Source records
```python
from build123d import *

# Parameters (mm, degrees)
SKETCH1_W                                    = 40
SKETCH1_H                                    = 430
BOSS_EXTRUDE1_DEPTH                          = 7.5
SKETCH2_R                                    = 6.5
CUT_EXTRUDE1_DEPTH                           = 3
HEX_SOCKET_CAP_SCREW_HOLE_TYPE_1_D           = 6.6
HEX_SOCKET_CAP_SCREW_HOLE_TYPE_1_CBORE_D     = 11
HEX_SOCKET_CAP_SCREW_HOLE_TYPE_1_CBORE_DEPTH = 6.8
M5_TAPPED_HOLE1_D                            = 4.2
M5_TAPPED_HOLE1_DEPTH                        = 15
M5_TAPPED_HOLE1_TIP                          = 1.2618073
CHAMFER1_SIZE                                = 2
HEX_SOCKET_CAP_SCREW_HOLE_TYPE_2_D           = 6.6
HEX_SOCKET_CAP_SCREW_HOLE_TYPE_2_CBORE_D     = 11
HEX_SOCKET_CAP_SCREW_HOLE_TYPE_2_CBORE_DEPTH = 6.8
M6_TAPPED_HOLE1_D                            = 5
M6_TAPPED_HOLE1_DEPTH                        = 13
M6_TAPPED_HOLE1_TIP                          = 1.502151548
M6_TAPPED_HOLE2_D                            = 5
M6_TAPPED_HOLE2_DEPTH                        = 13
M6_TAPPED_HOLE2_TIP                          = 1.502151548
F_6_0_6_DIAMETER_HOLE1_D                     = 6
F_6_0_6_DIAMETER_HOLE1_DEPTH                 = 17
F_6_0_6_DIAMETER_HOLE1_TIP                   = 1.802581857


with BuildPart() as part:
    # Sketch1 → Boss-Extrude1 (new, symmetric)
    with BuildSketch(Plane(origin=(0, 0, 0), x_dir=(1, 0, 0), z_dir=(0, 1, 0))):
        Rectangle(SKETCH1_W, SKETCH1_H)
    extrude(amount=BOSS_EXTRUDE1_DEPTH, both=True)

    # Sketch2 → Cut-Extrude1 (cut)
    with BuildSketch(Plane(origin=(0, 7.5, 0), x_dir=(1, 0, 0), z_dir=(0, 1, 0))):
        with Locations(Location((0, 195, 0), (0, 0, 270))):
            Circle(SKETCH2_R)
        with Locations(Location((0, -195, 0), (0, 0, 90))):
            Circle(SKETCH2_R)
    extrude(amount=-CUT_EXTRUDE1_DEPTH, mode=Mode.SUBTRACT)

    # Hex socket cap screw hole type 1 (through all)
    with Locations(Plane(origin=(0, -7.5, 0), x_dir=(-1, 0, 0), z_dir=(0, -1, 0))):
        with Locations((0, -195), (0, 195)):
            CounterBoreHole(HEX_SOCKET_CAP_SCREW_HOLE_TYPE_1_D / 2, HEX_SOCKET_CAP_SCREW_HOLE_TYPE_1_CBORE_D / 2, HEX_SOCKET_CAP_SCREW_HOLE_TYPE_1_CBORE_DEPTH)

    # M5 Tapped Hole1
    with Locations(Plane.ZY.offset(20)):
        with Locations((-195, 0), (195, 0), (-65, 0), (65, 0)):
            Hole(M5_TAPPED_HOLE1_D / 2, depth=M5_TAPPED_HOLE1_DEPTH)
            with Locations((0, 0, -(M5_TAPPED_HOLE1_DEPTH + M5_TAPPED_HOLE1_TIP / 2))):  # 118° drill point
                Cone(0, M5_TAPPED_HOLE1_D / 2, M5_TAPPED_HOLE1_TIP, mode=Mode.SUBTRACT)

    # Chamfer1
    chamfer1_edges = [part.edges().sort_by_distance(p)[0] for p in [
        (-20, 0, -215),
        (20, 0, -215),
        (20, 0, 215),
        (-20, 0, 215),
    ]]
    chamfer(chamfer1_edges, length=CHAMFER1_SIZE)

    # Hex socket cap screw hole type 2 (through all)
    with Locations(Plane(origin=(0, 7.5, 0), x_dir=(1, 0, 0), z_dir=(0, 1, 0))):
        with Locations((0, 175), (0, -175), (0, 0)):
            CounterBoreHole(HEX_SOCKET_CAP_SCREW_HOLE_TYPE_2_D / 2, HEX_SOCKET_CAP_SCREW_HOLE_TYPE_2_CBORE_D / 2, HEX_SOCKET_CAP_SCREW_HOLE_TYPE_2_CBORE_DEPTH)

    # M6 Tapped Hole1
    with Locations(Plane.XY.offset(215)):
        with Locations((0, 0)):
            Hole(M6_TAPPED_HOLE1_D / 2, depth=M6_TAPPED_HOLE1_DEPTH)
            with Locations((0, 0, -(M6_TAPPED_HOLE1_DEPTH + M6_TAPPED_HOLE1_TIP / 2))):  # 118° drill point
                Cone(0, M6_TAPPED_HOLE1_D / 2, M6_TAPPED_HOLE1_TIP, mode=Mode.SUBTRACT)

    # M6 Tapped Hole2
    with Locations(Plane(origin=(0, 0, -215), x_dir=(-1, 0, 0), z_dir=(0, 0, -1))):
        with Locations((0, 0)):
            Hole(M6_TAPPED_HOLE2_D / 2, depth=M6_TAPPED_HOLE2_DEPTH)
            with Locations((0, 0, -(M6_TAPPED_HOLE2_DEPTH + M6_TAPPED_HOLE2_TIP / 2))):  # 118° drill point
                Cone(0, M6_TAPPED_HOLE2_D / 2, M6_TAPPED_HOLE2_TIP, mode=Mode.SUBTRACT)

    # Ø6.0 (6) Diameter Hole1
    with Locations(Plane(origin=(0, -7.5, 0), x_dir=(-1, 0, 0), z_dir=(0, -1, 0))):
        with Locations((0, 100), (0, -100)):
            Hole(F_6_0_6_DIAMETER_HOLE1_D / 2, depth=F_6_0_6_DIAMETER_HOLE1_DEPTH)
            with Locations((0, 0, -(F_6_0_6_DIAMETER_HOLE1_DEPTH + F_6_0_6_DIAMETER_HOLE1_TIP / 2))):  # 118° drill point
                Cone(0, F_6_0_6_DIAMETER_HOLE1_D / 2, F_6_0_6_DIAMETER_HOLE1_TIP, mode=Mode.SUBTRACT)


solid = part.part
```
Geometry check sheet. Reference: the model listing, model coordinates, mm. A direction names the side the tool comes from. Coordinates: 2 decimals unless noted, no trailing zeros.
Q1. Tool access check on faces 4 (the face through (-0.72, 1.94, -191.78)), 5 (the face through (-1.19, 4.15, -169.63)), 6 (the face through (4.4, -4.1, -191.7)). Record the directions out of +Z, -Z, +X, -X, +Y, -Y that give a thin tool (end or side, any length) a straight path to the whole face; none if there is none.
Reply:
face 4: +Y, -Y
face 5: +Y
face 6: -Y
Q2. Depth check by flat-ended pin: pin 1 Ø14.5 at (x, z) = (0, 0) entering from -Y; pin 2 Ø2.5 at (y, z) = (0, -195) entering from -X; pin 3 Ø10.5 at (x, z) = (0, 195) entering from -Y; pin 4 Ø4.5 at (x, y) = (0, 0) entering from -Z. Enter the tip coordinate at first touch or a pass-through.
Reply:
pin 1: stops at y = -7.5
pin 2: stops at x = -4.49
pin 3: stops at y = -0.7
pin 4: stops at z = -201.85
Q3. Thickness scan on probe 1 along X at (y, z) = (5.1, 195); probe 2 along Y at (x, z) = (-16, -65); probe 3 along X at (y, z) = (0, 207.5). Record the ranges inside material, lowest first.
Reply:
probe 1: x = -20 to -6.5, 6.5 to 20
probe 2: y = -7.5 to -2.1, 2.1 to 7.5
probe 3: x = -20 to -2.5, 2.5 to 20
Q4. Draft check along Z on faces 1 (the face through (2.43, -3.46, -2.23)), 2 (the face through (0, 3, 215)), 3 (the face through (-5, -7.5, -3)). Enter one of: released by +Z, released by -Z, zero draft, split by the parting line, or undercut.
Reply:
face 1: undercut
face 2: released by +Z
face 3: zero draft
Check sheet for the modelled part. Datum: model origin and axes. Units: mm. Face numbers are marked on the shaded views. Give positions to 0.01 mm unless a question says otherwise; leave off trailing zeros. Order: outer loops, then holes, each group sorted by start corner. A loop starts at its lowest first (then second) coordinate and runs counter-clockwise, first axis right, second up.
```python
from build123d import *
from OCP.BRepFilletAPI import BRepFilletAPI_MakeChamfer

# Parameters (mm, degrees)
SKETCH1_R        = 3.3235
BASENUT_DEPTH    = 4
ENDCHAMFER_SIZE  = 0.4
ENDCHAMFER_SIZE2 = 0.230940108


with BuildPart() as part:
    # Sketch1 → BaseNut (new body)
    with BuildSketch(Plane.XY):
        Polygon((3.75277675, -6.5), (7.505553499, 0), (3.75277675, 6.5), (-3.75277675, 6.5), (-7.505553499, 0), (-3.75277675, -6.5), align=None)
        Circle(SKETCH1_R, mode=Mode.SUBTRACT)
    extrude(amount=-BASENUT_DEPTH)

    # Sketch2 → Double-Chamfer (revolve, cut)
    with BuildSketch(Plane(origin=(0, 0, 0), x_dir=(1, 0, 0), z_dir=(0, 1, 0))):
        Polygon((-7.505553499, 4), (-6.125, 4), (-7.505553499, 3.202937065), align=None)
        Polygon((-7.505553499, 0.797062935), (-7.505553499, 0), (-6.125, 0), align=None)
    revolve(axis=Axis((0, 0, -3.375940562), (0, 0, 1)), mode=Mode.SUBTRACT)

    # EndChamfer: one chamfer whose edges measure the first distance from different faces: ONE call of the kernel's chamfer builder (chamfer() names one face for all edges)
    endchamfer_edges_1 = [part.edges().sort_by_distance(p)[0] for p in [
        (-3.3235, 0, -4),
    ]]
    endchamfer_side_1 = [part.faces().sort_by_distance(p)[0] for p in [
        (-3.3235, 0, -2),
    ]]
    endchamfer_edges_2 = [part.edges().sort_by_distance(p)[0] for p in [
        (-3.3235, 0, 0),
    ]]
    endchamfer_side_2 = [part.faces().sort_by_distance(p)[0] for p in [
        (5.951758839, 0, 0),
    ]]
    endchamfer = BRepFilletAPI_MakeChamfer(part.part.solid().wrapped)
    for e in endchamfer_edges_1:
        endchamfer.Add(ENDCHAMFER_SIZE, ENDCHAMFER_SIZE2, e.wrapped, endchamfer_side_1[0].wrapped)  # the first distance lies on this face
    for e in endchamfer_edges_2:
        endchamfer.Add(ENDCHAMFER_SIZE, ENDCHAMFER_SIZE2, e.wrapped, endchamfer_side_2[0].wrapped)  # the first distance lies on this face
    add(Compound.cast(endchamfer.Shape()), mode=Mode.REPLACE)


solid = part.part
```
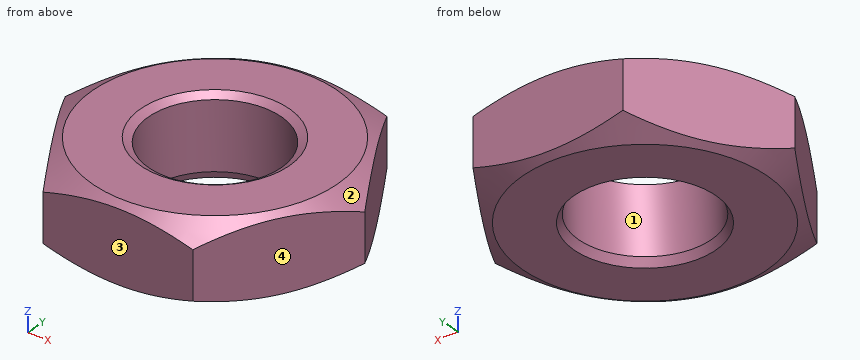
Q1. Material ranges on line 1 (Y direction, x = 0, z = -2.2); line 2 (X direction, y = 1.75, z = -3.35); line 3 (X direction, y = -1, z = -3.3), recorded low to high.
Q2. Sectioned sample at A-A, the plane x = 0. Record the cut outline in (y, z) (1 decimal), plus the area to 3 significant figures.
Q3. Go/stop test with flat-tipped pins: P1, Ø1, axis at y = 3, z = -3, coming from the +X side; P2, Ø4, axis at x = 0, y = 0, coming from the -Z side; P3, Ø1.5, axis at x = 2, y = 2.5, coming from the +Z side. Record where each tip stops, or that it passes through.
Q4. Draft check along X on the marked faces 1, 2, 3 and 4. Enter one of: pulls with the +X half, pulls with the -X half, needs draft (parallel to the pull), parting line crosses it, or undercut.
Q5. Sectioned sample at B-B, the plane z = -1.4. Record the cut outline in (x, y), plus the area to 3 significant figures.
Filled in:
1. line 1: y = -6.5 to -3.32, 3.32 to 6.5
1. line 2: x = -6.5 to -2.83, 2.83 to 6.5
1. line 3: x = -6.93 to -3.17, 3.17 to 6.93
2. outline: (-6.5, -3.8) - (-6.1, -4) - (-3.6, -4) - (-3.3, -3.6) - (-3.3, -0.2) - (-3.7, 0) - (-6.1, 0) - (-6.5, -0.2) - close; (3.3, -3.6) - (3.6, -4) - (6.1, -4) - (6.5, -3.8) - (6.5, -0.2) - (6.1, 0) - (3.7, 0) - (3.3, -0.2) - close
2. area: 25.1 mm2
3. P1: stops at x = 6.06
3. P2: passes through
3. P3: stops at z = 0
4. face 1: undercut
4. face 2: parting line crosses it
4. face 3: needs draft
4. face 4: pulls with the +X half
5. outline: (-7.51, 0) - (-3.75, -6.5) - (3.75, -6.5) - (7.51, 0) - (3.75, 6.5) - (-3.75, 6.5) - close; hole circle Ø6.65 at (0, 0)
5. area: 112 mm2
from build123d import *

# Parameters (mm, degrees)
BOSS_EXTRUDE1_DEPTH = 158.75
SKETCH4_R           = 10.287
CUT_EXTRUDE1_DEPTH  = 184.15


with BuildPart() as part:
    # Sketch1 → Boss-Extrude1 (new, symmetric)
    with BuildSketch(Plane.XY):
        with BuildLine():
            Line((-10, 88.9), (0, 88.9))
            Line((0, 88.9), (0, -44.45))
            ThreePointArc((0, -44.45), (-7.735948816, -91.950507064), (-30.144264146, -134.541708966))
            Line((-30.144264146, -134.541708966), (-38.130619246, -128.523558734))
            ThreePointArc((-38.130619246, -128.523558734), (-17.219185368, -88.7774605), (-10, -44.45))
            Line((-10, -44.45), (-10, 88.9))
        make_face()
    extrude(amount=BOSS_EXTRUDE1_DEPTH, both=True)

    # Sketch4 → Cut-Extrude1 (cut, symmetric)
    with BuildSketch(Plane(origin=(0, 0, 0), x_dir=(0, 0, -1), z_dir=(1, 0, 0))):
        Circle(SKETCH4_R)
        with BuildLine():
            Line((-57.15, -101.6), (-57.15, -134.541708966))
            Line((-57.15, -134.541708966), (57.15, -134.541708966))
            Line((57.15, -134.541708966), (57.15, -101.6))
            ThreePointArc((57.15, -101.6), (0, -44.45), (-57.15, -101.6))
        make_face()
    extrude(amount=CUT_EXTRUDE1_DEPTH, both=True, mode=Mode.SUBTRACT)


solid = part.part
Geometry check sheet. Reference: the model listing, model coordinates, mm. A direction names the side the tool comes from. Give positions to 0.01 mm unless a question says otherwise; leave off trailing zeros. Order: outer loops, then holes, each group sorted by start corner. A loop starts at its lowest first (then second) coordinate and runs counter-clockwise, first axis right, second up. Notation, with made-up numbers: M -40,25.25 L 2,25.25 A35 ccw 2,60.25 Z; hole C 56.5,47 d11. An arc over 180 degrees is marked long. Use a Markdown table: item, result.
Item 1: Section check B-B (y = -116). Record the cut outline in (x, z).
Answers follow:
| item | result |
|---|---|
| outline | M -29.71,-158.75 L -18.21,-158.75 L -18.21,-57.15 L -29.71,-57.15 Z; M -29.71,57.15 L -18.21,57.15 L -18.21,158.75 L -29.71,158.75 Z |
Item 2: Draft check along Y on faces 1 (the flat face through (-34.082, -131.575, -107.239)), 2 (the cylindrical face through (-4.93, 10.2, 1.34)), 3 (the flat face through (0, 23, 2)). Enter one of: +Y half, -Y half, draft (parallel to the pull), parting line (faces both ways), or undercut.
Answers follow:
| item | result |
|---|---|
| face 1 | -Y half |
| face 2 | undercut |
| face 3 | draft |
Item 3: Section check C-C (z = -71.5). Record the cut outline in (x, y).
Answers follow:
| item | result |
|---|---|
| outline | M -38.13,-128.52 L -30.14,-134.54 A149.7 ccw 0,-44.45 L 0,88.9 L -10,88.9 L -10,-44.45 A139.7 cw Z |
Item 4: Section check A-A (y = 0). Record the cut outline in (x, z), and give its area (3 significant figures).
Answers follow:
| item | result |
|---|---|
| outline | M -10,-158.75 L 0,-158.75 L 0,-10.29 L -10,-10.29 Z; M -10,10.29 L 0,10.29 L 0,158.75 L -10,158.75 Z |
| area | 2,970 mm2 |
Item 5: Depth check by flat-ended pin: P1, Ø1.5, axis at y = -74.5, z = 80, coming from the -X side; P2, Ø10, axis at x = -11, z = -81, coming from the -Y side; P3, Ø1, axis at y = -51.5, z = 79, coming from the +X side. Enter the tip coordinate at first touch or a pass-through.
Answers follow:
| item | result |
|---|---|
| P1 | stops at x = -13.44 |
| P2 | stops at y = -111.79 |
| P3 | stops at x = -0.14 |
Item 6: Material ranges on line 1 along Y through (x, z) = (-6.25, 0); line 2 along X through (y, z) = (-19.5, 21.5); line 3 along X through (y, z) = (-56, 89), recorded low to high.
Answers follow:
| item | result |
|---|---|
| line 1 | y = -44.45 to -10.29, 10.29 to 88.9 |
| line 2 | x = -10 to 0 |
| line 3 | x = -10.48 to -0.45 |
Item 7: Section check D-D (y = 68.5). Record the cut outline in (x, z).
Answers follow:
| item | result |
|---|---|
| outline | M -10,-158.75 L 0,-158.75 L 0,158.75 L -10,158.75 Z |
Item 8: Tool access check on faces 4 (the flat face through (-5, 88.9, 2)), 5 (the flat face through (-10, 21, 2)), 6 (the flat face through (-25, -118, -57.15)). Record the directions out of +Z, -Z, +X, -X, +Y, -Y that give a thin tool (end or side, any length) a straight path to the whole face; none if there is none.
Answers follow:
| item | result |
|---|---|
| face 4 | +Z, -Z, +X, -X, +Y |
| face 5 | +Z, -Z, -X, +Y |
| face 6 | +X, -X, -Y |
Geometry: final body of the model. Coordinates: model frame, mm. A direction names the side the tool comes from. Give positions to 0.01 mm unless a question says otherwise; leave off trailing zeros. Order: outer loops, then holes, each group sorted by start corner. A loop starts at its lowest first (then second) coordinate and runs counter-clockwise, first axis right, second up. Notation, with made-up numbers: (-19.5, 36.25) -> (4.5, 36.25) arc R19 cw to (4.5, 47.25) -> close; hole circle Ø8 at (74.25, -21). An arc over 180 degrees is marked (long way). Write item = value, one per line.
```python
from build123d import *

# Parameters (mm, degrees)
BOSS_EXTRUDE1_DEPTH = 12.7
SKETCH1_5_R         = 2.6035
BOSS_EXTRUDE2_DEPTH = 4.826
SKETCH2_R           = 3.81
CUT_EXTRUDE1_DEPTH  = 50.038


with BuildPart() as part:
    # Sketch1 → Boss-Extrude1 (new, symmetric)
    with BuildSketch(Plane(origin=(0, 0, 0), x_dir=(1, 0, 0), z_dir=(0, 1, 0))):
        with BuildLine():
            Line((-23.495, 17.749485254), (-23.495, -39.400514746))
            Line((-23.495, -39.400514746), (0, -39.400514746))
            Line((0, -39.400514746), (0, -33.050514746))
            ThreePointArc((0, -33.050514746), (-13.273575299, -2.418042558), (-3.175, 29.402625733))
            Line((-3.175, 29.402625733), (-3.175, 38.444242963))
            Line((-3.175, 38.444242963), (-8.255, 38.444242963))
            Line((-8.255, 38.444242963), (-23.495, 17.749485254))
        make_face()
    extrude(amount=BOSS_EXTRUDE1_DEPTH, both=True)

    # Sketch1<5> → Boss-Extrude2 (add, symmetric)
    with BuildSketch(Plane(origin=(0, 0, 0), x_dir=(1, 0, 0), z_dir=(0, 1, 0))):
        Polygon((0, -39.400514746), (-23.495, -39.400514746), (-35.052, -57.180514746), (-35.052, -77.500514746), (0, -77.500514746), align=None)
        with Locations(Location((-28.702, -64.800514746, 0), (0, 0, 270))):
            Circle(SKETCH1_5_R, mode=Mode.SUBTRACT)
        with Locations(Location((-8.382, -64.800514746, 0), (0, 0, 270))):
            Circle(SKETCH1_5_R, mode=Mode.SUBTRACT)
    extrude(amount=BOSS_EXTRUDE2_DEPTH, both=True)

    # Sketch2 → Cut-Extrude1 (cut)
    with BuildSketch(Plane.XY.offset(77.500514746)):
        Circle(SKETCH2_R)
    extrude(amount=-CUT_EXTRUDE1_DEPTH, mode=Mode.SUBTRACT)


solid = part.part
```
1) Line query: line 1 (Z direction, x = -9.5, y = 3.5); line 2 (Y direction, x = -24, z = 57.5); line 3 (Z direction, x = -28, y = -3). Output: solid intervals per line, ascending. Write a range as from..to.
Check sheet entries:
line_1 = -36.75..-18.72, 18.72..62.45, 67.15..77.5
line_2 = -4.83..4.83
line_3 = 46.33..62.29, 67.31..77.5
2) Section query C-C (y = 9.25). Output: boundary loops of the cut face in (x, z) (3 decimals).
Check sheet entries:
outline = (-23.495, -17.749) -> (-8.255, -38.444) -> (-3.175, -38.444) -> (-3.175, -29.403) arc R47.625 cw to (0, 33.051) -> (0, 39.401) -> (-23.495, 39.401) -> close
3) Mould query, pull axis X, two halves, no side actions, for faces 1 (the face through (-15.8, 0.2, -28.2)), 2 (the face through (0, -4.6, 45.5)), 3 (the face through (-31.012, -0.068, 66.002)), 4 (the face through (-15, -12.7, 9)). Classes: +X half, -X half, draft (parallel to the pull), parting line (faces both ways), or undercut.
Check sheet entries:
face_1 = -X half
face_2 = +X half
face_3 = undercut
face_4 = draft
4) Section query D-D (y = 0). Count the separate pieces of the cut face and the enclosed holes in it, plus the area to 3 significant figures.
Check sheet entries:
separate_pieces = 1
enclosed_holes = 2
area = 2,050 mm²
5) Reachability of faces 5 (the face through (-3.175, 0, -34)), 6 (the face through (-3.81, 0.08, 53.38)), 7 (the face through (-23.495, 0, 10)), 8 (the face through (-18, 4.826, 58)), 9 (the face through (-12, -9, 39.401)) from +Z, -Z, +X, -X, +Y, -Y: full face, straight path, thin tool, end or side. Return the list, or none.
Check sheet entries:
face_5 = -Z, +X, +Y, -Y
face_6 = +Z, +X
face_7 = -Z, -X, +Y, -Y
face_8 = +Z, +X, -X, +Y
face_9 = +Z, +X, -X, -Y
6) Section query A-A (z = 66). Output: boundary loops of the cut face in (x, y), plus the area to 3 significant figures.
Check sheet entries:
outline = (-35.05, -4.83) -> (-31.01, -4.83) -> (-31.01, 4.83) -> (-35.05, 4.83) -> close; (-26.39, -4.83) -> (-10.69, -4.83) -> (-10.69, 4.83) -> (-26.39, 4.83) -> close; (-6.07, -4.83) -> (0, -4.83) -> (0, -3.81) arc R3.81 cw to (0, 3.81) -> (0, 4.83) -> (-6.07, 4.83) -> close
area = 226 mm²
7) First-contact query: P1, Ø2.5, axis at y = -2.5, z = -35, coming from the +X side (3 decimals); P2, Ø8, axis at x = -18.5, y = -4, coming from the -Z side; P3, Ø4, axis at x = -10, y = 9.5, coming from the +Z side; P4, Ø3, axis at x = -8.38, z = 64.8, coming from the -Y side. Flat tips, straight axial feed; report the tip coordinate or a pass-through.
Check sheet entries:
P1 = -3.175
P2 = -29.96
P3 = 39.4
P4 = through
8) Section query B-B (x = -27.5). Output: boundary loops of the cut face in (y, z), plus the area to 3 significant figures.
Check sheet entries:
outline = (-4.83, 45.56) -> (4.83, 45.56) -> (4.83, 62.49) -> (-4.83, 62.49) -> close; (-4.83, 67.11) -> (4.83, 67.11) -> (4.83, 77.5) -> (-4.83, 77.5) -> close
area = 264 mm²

● WORK INSTRUCTIONS
Out of the entries above, write out only the lines between the line holding "Q4. Draft check along X" and the line holding "4. face 1: undercut", inclusive, each exactly as given.

● ANSWER SECTION
Q4. Draft check along X on the marked faces 1, 2, 3 and 4. Enter one of: pulls with the +X half, pulls with the -X half, needs draft (parallel to the pull), parting line crosses it, or undercut.
Q5. Sectioned sample at B-B, the plane z = -1.4. Record the cut outline in (x, y), plus the area to 3 significant figures.
Filled in:
1. line 1: y = -6.5 to -3.32, 3.32 to 6.5
1. line 2: x = -6.5 to -2.83, 2.83 to 6.5
1. line 3: x = -6.93 to -3.17, 3.17 to 6.93
2. outline: (-6.5, -3.8) - (-6.1, -4) - (-3.6, -4) - (-3.3, -3.6) - (-3.3, -0.2) - (-3.7, 0) - (-6.1, 0) - (-6.5, -0.2) - close; (3.3, -3.6) - (3.6, -4) - (6.1, -4) - (6.5, -3.8) - (6.5, -0.2) - (6.1, 0) - (3.7, 0) - (3.3, -0.2) - close
2. area: 25.1 mm2
3. P1: stops at x = 6.06
3. P2: passes through
3. P3: stops at z = 0
4. face 1: undercut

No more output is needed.